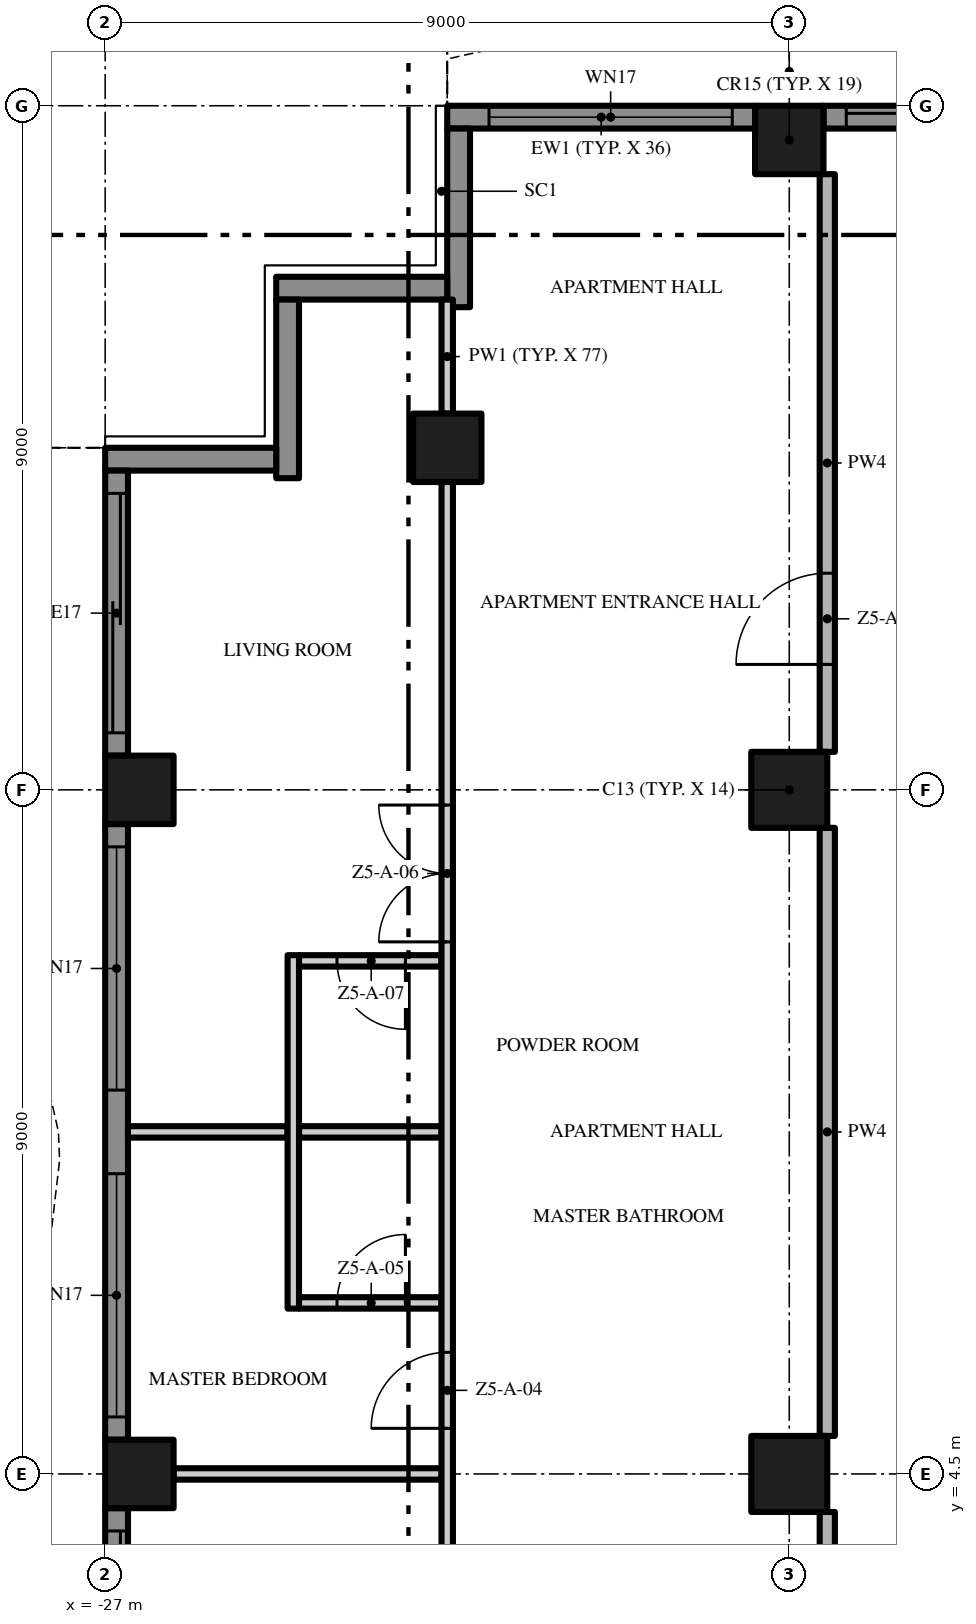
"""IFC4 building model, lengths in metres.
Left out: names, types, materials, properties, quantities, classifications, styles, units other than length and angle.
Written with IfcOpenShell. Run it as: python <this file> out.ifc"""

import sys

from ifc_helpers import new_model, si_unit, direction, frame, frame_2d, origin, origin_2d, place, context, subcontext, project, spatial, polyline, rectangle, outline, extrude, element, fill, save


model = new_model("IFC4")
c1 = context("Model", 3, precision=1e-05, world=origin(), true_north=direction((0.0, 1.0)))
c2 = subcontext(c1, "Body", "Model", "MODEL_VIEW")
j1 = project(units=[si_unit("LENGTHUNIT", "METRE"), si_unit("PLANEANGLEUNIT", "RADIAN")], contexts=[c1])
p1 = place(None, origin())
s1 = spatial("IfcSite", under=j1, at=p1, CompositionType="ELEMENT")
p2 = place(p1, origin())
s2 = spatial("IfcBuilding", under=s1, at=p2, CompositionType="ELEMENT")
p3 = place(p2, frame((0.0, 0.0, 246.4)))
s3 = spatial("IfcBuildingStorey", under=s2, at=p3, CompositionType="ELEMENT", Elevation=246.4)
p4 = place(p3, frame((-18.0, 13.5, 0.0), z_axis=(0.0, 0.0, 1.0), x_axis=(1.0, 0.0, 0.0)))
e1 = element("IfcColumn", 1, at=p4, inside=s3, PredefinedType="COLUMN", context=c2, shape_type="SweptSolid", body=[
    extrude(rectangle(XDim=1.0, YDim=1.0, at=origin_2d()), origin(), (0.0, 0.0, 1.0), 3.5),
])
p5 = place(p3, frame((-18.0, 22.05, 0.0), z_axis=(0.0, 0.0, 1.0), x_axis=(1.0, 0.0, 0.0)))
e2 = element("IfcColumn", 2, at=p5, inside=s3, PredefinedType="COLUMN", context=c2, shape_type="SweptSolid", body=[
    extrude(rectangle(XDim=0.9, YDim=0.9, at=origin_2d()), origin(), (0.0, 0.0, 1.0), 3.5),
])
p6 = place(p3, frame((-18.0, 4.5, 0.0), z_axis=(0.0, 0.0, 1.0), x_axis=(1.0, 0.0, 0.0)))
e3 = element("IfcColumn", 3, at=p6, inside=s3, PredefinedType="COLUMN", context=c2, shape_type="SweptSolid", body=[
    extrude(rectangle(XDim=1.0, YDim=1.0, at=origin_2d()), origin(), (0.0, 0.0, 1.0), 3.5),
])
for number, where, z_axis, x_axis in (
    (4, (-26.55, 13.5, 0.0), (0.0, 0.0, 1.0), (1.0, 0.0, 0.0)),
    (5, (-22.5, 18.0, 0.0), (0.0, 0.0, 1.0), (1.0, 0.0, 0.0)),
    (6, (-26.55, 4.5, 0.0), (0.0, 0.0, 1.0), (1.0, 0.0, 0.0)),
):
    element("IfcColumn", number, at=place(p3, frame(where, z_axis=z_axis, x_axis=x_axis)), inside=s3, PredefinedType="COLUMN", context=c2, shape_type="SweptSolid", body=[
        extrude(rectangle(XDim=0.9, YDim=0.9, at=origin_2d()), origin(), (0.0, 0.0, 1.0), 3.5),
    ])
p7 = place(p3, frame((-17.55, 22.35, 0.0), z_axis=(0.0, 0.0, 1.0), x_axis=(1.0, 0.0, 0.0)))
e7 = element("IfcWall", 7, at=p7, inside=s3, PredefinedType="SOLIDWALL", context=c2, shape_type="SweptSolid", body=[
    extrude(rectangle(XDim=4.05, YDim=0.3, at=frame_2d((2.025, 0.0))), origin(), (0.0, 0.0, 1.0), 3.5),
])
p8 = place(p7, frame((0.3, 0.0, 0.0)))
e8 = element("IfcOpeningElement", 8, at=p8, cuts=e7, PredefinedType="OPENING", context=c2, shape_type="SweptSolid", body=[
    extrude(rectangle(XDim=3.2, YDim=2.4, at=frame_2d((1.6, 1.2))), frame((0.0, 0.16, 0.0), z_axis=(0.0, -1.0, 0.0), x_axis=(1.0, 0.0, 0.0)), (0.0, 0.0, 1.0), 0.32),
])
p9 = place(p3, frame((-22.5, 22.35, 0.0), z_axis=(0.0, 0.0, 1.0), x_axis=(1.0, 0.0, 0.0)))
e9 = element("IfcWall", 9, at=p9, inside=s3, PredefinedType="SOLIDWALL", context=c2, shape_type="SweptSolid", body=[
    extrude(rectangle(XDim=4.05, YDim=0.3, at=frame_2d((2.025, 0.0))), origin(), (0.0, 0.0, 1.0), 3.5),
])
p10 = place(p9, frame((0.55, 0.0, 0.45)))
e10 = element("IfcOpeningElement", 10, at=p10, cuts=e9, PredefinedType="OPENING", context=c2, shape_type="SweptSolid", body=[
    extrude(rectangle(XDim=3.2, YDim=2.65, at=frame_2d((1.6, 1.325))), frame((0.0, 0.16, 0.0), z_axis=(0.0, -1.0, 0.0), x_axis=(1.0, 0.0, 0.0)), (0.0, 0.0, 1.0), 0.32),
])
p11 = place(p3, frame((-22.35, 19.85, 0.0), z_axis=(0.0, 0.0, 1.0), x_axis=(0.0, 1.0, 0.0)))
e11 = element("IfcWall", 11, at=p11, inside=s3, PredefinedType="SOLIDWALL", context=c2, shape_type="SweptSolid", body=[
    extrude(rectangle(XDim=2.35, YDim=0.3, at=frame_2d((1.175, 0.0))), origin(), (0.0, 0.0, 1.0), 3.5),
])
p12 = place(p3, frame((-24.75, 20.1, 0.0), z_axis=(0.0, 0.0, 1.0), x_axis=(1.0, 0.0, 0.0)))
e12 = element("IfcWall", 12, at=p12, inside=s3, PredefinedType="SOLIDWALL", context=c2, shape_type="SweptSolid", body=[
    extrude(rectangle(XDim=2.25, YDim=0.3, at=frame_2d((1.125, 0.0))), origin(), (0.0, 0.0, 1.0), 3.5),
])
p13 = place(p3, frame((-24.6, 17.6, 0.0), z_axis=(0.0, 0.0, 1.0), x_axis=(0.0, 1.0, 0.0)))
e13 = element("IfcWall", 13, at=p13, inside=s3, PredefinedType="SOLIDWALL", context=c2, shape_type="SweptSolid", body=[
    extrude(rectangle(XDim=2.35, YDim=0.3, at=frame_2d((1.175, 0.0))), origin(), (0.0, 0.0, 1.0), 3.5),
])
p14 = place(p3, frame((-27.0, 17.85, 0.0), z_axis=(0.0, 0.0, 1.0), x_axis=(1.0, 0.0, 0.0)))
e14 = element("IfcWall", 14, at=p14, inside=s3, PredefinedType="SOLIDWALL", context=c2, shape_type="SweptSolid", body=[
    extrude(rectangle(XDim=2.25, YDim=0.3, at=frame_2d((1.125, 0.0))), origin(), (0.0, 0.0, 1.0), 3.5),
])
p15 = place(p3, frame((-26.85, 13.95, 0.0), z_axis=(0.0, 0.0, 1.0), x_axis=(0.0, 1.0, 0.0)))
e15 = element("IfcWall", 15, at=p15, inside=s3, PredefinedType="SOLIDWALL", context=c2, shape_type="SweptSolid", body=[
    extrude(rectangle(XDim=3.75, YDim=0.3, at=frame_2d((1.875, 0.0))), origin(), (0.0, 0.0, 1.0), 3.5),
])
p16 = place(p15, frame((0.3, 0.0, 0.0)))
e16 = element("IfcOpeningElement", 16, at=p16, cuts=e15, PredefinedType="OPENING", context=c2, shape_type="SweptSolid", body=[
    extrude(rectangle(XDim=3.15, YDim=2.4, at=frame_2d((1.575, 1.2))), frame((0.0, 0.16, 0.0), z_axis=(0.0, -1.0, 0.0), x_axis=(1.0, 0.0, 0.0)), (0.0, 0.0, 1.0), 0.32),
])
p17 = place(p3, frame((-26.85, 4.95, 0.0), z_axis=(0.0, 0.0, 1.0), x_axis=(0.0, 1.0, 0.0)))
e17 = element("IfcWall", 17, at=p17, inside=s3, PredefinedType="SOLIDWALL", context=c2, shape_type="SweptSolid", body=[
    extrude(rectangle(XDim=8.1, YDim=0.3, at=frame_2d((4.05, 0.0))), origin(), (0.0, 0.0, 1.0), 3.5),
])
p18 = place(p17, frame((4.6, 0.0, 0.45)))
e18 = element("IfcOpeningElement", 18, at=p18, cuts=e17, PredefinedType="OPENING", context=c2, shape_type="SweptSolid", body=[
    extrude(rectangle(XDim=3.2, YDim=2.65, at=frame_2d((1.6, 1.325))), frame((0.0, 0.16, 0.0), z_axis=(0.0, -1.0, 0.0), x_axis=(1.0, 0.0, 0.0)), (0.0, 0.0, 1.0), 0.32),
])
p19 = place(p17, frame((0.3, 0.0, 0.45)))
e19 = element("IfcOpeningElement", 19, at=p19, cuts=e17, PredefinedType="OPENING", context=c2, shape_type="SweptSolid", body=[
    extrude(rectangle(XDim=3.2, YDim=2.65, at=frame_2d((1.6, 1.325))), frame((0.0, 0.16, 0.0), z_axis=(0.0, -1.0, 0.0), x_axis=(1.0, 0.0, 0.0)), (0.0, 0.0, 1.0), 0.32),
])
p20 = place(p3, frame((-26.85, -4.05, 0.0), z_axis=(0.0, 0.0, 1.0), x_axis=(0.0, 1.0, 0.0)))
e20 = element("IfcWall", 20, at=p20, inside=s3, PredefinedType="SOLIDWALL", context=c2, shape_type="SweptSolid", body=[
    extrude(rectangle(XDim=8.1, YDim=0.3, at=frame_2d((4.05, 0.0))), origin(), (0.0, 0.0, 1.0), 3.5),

**Problem statement**
Find each line above that contains "units", and copy those lines.

**Reply**
Left out: names, types, materials, properties, quantities, classifications, styles, units other than length and angle.
j1 = project(units=[si_unit("LENGTHUNIT", "METRE"), si_unit("PLANEANGLEUNIT", "RADIAN")], contexts=[c1])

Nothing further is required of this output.